* [Problem to solve] For each line in the records that contains "DOOR", make a copy.

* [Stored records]
---------------
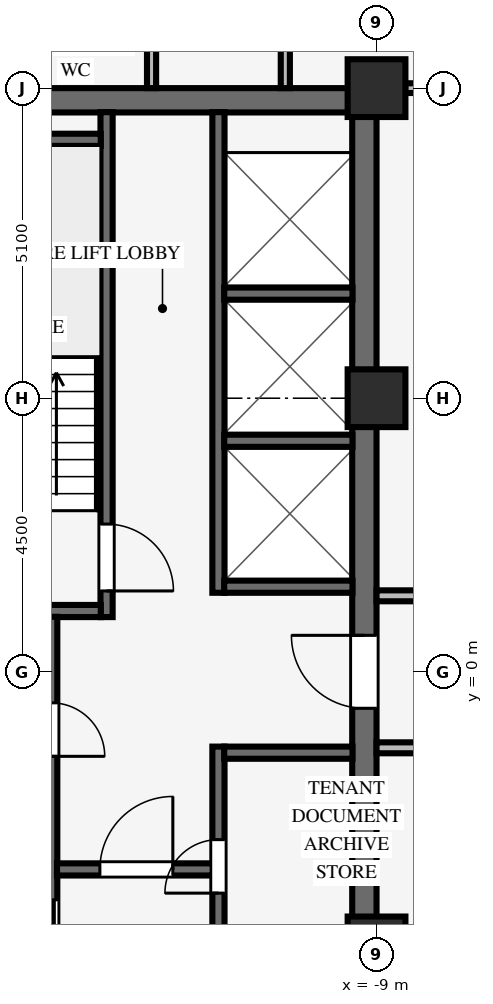
"""IFC4 building model, lengths in metres.
Left out: names, types, materials, properties, quantities, classifications, styles, units other than length and angle.
Written with IfcOpenShell. Run it as: python <this file> out.ifc"""

import sys

from ifc_helpers import new_model, si_unit, direction, frame, frame_2d, origin, origin_2d, place, context, subcontext, project, spatial, rectangle, extrude, source, transform, mapped, element, fill, save


model = new_model("IFC4")
c1 = context("Model", 3, precision=1e-05, world=origin(), true_north=direction((0.0, 1.0)))
c2 = subcontext(c1, "Body", "Model", "MODEL_VIEW")
j1 = project(units=[si_unit("LENGTHUNIT", "METRE"), si_unit("PLANEANGLEUNIT", "RADIAN")], contexts=[c1])
p1 = place(None, origin())
s1 = spatial("IfcSite", under=j1, at=p1, CompositionType="ELEMENT")
p2 = place(p1, origin())
s2 = spatial("IfcBuilding", under=s1, at=p2, CompositionType="ELEMENT")
p3 = place(p2, frame((0.0, 0.0, 164.0)))
s3 = spatial("IfcBuildingStorey", under=s2, at=p3, CompositionType="ELEMENT", Elevation=164.0)
p4 = place(p3, frame((-17.5, 9.4, 0.0), z_axis=(0.0, 0.0, 1.0), x_axis=(1.0, 0.0, 0.0)))
e1 = element("IfcWall", 1, at=p4, inside=s3, PredefinedType="SHEAR", context=c2, shape_type="SweptSolid", body=[
    extrude(rectangle(XDim=8.5, YDim=0.4, at=frame_2d((4.25, 0.0))), origin(), (0.0, 0.0, 1.0), 3.25),
])
p5 = place(p3, frame((-9.2, -9.205, 0.0), z_axis=(0.0, 0.0, 1.0), x_axis=(0.0, 1.0, 0.0)))
e2 = element("IfcWall", 2, at=p5, inside=s3, PredefinedType="SHEAR", context=c2, shape_type="SweptSolid", body=[
    extrude(rectangle(XDim=18.41, YDim=0.4, at=frame_2d((9.205, 0.0))), origin(), (0.0, 0.0, 1.0), 3.25),
])
p6 = place(p5, frame((8.605, 0.0, 0.0)))
e3 = element("IfcOpeningElement", 3, at=p6, cuts=e2, PredefinedType="OPENING", context=c2, shape_type="SweptSolid", body=[
    extrude(rectangle(XDim=1.2, YDim=2.15, at=frame_2d((0.6, 1.075))), frame((0.0, 0.21, 0.0), z_axis=(0.0, -1.0, 0.0), x_axis=(1.0, 0.0, 0.0)), (0.0, 0.0, 1.0), 0.42),
])
for number, where, z_axis, x_axis in (
    (4, (-9.0, -4.5, 0.0), (0.0, 0.0, 1.0), (1.0, 0.0, 0.0)),
    (5, (-9.0, 4.5, 0.0), (0.0, 0.0, 1.0), (1.0, 0.0, 0.0)),
    (6, (-9.0, 9.6, 0.0), (0.0, 0.0, 1.0), (1.0, 0.0, 0.0)),
):
    element("IfcColumn", number, at=place(p3, frame(where, z_axis=z_axis, x_axis=x_axis)), inside=s3, PredefinedType="COLUMN", context=c2, shape_type="SweptSolid", body=[
        extrude(rectangle(XDim=0.95, YDim=0.95, at=origin_2d()), origin(), (0.0, 0.0, 1.0), 3.25),
    ])
p7 = place(p3, frame((-13.44, 0.9, 0.0), z_axis=(0.0, 0.0, 1.0), x_axis=(0.0, 1.0, 0.0)))
e7 = element("IfcWall", 7, at=p7, inside=s3, PredefinedType="SHEAR", context=c2, shape_type="SweptSolid", body=[
    extrude(rectangle(XDim=8.305, YDim=0.2, at=frame_2d((4.153, 0.0))), origin(), (0.0, 0.0, 1.0), 3.25),
])
p8 = place(p7, frame((1.53, 0.0, 0.0), z_axis=(0.0, 0.0, 1.0), x_axis=(-1.0, 0.0, 0.0)))
e8 = element("IfcOpeningElement", 8, at=p8, cuts=e7, PredefinedType="OPENING", context=c2, shape_type="SweptSolid", body=[
    extrude(rectangle(XDim=1.1, YDim=2.15, at=frame_2d((0.55, 1.075))), frame((0.0, 0.11, 0.0), z_axis=(0.0, -1.0, 0.0), x_axis=(1.0, 0.0, 0.0)), (0.0, 0.0, 1.0), 0.22),
])
for number, where, z_axis, x_axis in (
    (9, (-17.105, 1.0, 0.0), (0.0, 0.0, 1.0), (1.0, 0.0, 0.0)),
    (10, (-17.105, 8.75, 0.0), (0.0, 0.0, 1.0), (1.0, 0.0, 0.0)),
):
    element("IfcWall", number, at=place(p3, frame(where, z_axis=z_axis, x_axis=x_axis)), inside=s3, PredefinedType="SHEAR", context=c2, shape_type="SweptSolid", body=[
        extrude(rectangle(XDim=3.57, YDim=0.2, at=frame_2d((1.785, 0.0))), origin(), (0.0, 0.0, 1.0), 3.25),
    ])
p9 = place(p3, frame((-14.35, -6.2, 0.0), z_axis=(0.0, 0.0, 1.0), x_axis=(0.0, 1.0, 0.0)))
e11 = element("IfcWall", 11, at=p9, inside=s3, PredefinedType="SHEAR", context=c2, shape_type="SweptSolid", body=[
    extrude(rectangle(XDim=7.105, YDim=0.2, at=frame_2d((3.552, 0.0))), origin(), (0.0, 0.0, 1.0), 3.25),
])
p10 = place(p9, frame((5.69, 0.0, 0.0), z_axis=(0.0, 0.0, 1.0), x_axis=(-1.0, 0.0, 0.0)))
e12 = element("IfcOpeningElement", 12, at=p10, cuts=e11, PredefinedType="OPENING", context=c2, shape_type="SweptSolid", body=[
    extrude(rectangle(XDim=0.88, YDim=2.1, at=frame_2d((0.44, 1.05))), frame((0.0, 0.11, 0.0), z_axis=(0.0, -1.0, 0.0), x_axis=(1.0, 0.0, 0.0)), (0.0, 0.0, 1.0), 0.22),
])
p11 = place(p9, frame((1.15, 0.0, 0.0)))
e13 = element("IfcOpeningElement", 13, at=p11, cuts=e11, PredefinedType="OPENING", context=c2, shape_type="SweptSolid", body=[
    extrude(rectangle(XDim=1.3, YDim=2.2, at=frame_2d((0.65, 1.1))), frame((0.0, 0.11, 0.0), z_axis=(0.0, -1.0, 0.0), x_axis=(1.0, 0.0, 0.0)), (0.0, 0.0, 1.0), 0.22),
])
p12 = place(p3, frame((-11.6, -9.205, 0.0), z_axis=(0.0, 0.0, 1.0), x_axis=(0.0, 1.0, 0.0)))
e14 = element("IfcWall", 14, at=p12, inside=s3, PredefinedType="SHEAR", context=c2, shape_type="SweptSolid", body=[
    extrude(rectangle(XDim=7.975, YDim=0.2, at=frame_2d((3.988, 0.0))), origin(), (0.0, 0.0, 1.0), 3.25),
])
p13 = place(p12, frame((1.565, 0.0, 0.0)))
e15 = element("IfcOpeningElement", 15, at=p13, cuts=e14, PredefinedType="OPENING", context=c2, shape_type="SweptSolid", body=[
    extrude(rectangle(XDim=0.88, YDim=2.1, at=frame_2d((0.44, 1.05))), frame((0.0, 0.11, 0.0), z_axis=(0.0, -1.0, 0.0), x_axis=(1.0, 0.0, 0.0)), (0.0, 0.0, 1.0), 0.22),
])
p14 = place(p12, frame((5.565, 0.0, 0.0)))
e16 = element("IfcOpeningElement", 16, at=p14, cuts=e14, PredefinedType="OPENING", context=c2, shape_type="SweptSolid", body=[
    extrude(rectangle(XDim=0.88, YDim=2.1, at=frame_2d((0.44, 1.05))), frame((0.0, 0.11, 0.0), z_axis=(0.0, -1.0, 0.0), x_axis=(1.0, 0.0, 0.0)), (0.0, 0.0, 1.0), 0.22),
])
p15 = place(p3, frame((-14.255, -3.25, 0.0), z_axis=(0.0, 0.0, 1.0), x_axis=(1.0, 0.0, 0.0)))
e17 = element("IfcWall", 17, at=p15, inside=s3, PredefinedType="SHEAR", context=c2, shape_type="SweptSolid", body=[
    extrude(rectangle(XDim=2.56, YDim=0.2, at=frame_2d((1.28, 0.0))), origin(), (0.0, 0.0, 1.0), 3.25),
])
p16 = place(p15, frame((0.705, 0.0, 0.0)))
e18 = element("IfcOpeningElement", 18, at=p16, cuts=e17, PredefinedType="OPENING", context=c2, shape_type="SweptSolid", body=[
    extrude(rectangle(XDim=1.2, YDim=2.15, at=frame_2d((0.6, 1.075))), frame((0.0, 0.11, 0.0), z_axis=(0.0, -1.0, 0.0), x_axis=(1.0, 0.0, 0.0)), (0.0, 0.0, 1.0), 0.22),
])
p17 = place(p3, frame((-11.505, -1.33, 0.0), z_axis=(0.0, 0.0, 1.0), x_axis=(1.0, 0.0, 0.0)))
e19 = element("IfcWall", 19, at=p17, inside=s3, PredefinedType="SHEAR", context=c2, shape_type="SweptSolid", body=[
    extrude(rectangle(XDim=2.11, YDim=0.2, at=frame_2d((1.055, 0.0))), origin(), (0.0, 0.0, 1.0), 3.25),
])
p18 = place(p3, frame((-11.6, 1.3, 0.0), z_axis=(0.0, 0.0, 1.0), x_axis=(0.0, 1.0, 0.0)))
e20 = element("IfcWall", 20, at=p18, inside=s3, PredefinedType="SHEAR", context=c2, shape_type="SweptSolid", body=[
    extrude(rectangle(XDim=7.905, YDim=0.2, at=frame_2d((3.953, 0.0))), origin(), (0.0, 0.0, 1.0), 3.25),
])
for number, where, z_axis, x_axis in (
    (21, (-11.505, 1.4, 0.0), (0.0, 0.0, 1.0), (1.0, 0.0, 0.0)),
    (22, (-11.505, 3.8, 0.0), (0.0, 0.0, 1.0), (1.0, 0.0, 0.0)),
    (23, (-11.505, 6.22, 0.0), (0.0, 0.0, 1.0), (1.0, 0.0, 0.0)),
):
    element("IfcWall", number, at=place(p3, frame(where, z_axis=z_axis, x_axis=x_axis)), inside=s3, PredefinedType="SHEAR", context=c2, shape_type="SweptSolid", body=[
        extrude(rectangle(XDim=2.11, YDim=0.2, at=frame_2d((1.055, 0.0))), origin(), (0.0, 0.0, 1.0), 3.25),
    ])
p19 = place(p3, frame((-9.0, -1.25, 0.0), z_axis=(0.0, 0.0, 1.0), x_axis=(1.0, 0.0, 0.0)))
e24 = element("IfcWall", 24, at=p19, inside=s3, PredefinedType="PARTITIONING", context=c2, shape_type="SweptSolid", body=[
    extrude(rectangle(XDim=15.6, YDim=0.18, at=frame_2d((7.8, 0.0))), origin(), (0.0, 0.0, 1.0), 3.24),
])
p20 = place(p19, frame((7.32, 0.0, 0.0)))
e25 = element("IfcOpeningElement", 25, at=p20, cuts=e24, PredefinedType="OPENING", context=c2, shape_type="SweptSolid", body=[
    extrude(rectangle(XDim=0.96, YDim=2.1, at=frame_2d((0.48, 1.05))), frame((0.0, 0.1, 0.0), z_axis=(0.0, -1.0, 0.0), x_axis=(1.0, 0.0, 0.0)), (0.0, 0.0, 1.0), 0.2),
])
p21 = place(p3, frame((-9.0, 1.25, 0.0), z_axis=(0.0, 0.0, 1.0), x_axis=(1.0, 0.0, 0.0)))
e26 = element("IfcWall", 26, at=p21, inside=s3, PredefinedType="PARTITIONING", context=c2, shape_type="SweptSolid", body=[
    extrude(rectangle(XDim=15.6, YDim=0.18, at=frame_2d((7.8, 0.0))), origin(), (0.0, 0.0, 1.0), 3.24),
])
p22 = place(p21, frame((3.32, 0.0, 0.0)))
e27 = element("IfcOpeningElement", 27, at=p22, cuts=e26, PredefinedType="OPENING", context=c2, shape_type="SweptSolid", body=[
    extrude(rectangle(XDim=0.96, YDim=2.1, at=frame_2d((0.48, 1.05))), frame((0.0, 0.1, 0.0), z_axis=(0.0, -1.0, 0.0), x_axis=(1.0, 0.0, 0.0)), (0.0, 0.0, 1.0), 0.2),
])
p23 = place(p3, frame((-8.529, 9.6, 0.0), z_axis=(0.0, 0.0, 1.0), x_axis=(1.0, 0.0, 0.0)))
e28 = element("IfcWall", 28, at=p23, inside=s3, PredefinedType="PARTITIONING", context=c2, shape_type="SweptSolid", body=[
    extrude(rectangle(XDim=8.353, YDim=0.16, at=frame_2d((4.177, 0.0))), origin(), (0.0, 0.0, 1.0), 2.285),
])
for number, where, z_axis, x_axis in (
    (29, (-12.7, 9.6, 0.0), (0.0, 0.0, 1.0), (0.0, 1.0, 0.0)),
    (30, (-10.5, 9.6, 0.0), (0.0, 0.0, 1.0), (0.0, 1.0, 0.0)),
):
    element("IfcWall", number, at=place(p3, frame(where, z_axis=z_axis, x_axis=x_axis)), inside=s3, PredefinedType="PARTITIONING", context=c2, shape_type="SweptSolid", body=[
        extrude(rectangle(XDim=3.814, YDim=0.15, at=frame_2d((1.907, 0.0))), origin(), (0.0, 0.0, 1.0), 3.24),
    ])
m1 = source(origin(), c2, "Body", "SweptSolid", [
    extrude(rectangle(XDim=1.1, YDim=2.15, at=frame_2d((0.55, 1.075))), frame((0.0, 0.025, 0.0), z_axis=(0.0, -1.0, 0.0), x_axis=(1.0, 0.0, 0.0)), (0.0, 0.0, 1.0), 0.05),
])
p24 = place(p8, origin())
e31 = element("IfcDoor", 31, at=p24, inside=s3, OperationType="SINGLE_SWING_RIGHT", PredefinedType="DOOR", context=c2, shape_type="MappedRepresentation", body=[
    mapped(m1, transform((0.0, 0.0, 0.0), scale=1.0)),
])
fill(e8, e31)
m2 = source(origin(), c2, "Body", "SweptSolid", [
    extrude(rectangle(XDim=0.88, YDim=2.1, at=frame_2d((0.44, 1.05))), frame((0.0, 0.025, 0.0), z_axis=(0.0, -1.0, 0.0), x_axis=(1.0, 0.0, 0.0)), (0.0, 0.0, 1.0), 0.05),
])
p25 = place(p10, origin())
e32 = element("IfcDoor", 32, at=p25, inside=s3, OperationType="SINGLE_SWING_RIGHT", PredefinedType="DOOR", context=c2, shape_type="MappedRepresentation", body=[
    mapped(m2, transform((0.0, 0.0, 0.0), scale=1.0)),
])
fill(e12, e32)
m3 = source(origin(), c2, "Body", "SweptSolid", [
    extrude(rectangle(XDim=1.2, YDim=2.15, at=frame_2d((0.6, 1.075))), frame((0.0, 0.025, 0.0), z_axis=(0.0, -1.0, 0.0), x_axis=(1.0, 0.0, 0.0)), (0.0, 0.0, 1.0), 0.05),
])
p26 = place(p16, origin())
e33 = element("IfcDoor", 33, at=p26, inside=s3, OperationType="SINGLE_SWING_RIGHT", PredefinedType="DOOR", context=c2, shape_type="MappedRepresentation", body=[
    mapped(m3, transform((0.0, 0.0, 0.0), scale=1.0)),
])
fill(e18, e33)
p27 = place(p14, origin())
e34 = element("IfcDoor", 34, at=p27, inside=s3, OperationType="SINGLE_SWING_LEFT", PredefinedType="DOOR", context=c2, shape_type="MappedRepresentation", body=[
    mapped(m2, transform((0.0, 0.0, 0.0), scale=1.0)),
])
fill(e16, e34)
p28 = place(p6, origin())
e35 = element("IfcDoor", 35, at=p28, inside=s3, OperationType="SINGLE_SWING_RIGHT", PredefinedType="DOOR", context=c2, shape_type="MappedRepresentation", body=[
    mapped(m3, transform((0.0, 0.0, 0.0), scale=1.0)),
])
fill(e3, e35)
m4 = source(origin(), c2, "Body", "SweptSolid", [
    extrude(rectangle(XDim=1.3, YDim=2.2, at=frame_2d((0.65, 1.1))), frame((0.0, 0.025, 0.0), z_axis=(0.0, -1.0, 0.0), x_axis=(1.0, 0.0, 0.0)), (0.0, 0.0, 1.0), 0.05),
])
p29 = place(p11, origin())
e36 = element("IfcDoor", 36, at=p29, inside=s3, OperationType="DOUBLE_DOOR_SLIDING", PredefinedType="DOOR", context=c2, shape_type="MappedRepresentation", body=[
    mapped(m4, transform((0.0, 0.0, 0.0), scale=1.0)),
])
fill(e13, e36)
save(model, sys.argv[1])
---------------
* [Finished task]
e31 = element("IfcDoor", 31, at=p24, inside=s3, OperationType="SINGLE_SWING_RIGHT", PredefinedType="DOOR", context=c2, shape_type="MappedRepresentation", body=[
e32 = element("IfcDoor", 32, at=p25, inside=s3, OperationType="SINGLE_SWING_RIGHT", PredefinedType="DOOR", context=c2, shape_type="MappedRepresentation", body=[
e33 = element("IfcDoor", 33, at=p26, inside=s3, OperationType="SINGLE_SWING_RIGHT", PredefinedType="DOOR", context=c2, shape_type="MappedRepresentation", body=[
e34 = element("IfcDoor", 34, at=p27, inside=s3, OperationType="SINGLE_SWING_LEFT", PredefinedType="DOOR", context=c2, shape_type="MappedRepresentation", body=[
e35 = element("IfcDoor", 35, at=p28, inside=s3, OperationType="SINGLE_SWING_RIGHT", PredefinedType="DOOR", context=c2, shape_type="MappedRepresentation", body=[
e36 = element("IfcDoor", 36, at=p29, inside=s3, OperationType="DOUBLE_DOOR_SLIDING", PredefinedType="DOOR", context=c2, shape_type="MappedRepresentation", body=[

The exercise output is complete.